◆ **YOUR INSTRUCTIONS**
Search the material for the string "solids" and reply with how many lines contain it, nothing else.

◆ **DATASET ENTRIES**
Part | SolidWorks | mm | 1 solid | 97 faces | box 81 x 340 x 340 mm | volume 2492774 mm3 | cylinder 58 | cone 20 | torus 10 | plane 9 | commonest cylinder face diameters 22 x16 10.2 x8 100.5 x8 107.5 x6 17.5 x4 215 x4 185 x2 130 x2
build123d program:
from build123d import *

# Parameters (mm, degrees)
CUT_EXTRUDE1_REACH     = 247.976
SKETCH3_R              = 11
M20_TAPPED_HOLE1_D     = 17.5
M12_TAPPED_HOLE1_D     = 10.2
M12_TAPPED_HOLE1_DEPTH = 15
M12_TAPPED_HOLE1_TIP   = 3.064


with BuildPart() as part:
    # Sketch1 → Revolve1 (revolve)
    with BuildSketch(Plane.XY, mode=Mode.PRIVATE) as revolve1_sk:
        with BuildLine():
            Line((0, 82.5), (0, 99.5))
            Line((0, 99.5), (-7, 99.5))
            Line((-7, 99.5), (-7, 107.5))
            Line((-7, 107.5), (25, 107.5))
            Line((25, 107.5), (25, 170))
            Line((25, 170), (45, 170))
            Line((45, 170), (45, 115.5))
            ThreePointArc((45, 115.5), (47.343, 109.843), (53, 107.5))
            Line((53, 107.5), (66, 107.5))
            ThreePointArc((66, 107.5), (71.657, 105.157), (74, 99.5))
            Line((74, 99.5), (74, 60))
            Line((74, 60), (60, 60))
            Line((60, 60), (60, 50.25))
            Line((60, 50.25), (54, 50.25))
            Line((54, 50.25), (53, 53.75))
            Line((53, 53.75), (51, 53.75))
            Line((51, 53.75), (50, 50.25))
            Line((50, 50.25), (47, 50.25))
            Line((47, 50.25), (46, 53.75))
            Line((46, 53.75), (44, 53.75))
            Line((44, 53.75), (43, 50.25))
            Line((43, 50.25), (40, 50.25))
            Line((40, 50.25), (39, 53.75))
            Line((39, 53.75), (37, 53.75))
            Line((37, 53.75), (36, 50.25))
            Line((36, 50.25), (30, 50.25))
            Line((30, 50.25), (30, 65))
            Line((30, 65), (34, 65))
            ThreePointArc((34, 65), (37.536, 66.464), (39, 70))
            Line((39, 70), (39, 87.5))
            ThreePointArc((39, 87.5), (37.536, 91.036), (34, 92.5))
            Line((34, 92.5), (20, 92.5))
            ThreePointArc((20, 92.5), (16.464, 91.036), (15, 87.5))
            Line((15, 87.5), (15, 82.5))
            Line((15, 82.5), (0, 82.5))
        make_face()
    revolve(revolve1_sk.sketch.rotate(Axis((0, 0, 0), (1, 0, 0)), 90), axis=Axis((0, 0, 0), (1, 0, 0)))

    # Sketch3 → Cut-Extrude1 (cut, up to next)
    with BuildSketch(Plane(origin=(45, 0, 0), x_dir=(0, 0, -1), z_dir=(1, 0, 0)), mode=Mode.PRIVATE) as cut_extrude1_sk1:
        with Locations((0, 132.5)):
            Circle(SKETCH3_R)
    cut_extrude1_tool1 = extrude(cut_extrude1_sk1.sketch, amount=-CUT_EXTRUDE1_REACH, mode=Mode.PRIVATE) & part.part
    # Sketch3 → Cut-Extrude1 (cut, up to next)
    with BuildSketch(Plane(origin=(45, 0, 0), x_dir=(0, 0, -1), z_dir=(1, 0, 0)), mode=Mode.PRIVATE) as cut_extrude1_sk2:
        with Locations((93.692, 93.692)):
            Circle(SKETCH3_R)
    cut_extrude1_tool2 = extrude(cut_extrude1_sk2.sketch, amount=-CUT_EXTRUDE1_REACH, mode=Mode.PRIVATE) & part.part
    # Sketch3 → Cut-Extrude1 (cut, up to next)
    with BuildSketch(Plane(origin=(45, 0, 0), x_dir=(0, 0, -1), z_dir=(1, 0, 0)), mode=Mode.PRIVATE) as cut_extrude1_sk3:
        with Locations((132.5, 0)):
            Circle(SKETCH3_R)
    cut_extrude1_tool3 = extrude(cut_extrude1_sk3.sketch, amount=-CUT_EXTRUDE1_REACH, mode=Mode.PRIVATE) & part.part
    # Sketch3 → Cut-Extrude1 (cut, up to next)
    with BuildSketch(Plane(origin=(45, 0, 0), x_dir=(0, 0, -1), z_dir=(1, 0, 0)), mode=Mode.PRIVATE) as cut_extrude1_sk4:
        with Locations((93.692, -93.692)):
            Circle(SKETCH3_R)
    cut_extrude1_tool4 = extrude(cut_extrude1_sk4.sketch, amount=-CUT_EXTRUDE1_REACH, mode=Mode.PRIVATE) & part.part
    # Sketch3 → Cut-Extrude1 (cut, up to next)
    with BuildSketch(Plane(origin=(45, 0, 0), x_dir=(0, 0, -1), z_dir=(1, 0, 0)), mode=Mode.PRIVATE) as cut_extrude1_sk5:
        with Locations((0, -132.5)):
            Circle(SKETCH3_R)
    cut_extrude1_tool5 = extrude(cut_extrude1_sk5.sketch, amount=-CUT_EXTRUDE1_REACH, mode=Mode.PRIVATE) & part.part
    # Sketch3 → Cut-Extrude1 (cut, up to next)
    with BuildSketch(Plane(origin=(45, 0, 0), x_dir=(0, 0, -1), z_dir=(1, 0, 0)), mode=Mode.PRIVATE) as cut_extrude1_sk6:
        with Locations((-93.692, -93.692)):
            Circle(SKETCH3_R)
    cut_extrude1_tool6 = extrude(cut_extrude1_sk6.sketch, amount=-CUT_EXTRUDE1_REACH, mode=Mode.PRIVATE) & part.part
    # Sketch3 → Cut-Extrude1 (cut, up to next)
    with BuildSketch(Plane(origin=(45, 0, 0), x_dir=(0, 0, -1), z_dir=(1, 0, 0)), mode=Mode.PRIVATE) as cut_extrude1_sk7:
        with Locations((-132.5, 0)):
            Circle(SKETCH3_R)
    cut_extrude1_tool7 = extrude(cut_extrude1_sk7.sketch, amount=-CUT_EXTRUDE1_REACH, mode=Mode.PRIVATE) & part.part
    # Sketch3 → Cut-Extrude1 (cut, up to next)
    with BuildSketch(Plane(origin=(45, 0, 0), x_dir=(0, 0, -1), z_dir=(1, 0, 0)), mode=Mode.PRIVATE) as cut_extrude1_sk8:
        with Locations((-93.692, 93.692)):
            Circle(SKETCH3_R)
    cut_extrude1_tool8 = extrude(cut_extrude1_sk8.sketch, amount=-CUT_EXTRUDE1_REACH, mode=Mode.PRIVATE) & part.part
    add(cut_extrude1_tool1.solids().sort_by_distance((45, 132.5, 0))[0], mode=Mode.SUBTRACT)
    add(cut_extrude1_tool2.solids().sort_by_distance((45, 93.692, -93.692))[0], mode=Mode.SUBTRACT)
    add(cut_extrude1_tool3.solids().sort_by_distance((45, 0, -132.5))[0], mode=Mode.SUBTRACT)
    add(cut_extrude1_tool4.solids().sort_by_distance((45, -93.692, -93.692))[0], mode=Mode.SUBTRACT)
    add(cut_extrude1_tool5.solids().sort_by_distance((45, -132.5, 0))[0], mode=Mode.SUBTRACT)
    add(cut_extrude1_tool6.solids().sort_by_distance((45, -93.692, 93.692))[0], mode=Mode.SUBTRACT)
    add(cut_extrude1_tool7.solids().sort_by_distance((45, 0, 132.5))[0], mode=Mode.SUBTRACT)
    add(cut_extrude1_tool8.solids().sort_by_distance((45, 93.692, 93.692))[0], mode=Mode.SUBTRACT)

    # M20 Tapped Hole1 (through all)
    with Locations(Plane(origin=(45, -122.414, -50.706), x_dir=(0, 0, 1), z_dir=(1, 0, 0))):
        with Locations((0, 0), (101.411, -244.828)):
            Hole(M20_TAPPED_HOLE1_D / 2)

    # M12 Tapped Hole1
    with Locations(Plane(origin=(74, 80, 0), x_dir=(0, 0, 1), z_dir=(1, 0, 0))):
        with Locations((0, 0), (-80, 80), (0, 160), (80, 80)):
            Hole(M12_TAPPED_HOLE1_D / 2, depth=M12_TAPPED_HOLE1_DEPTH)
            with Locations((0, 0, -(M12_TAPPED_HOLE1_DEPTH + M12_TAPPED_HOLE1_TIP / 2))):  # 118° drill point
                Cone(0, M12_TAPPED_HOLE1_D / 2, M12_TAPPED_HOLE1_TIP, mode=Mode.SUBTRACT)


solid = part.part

◆ **RESPONSE**
8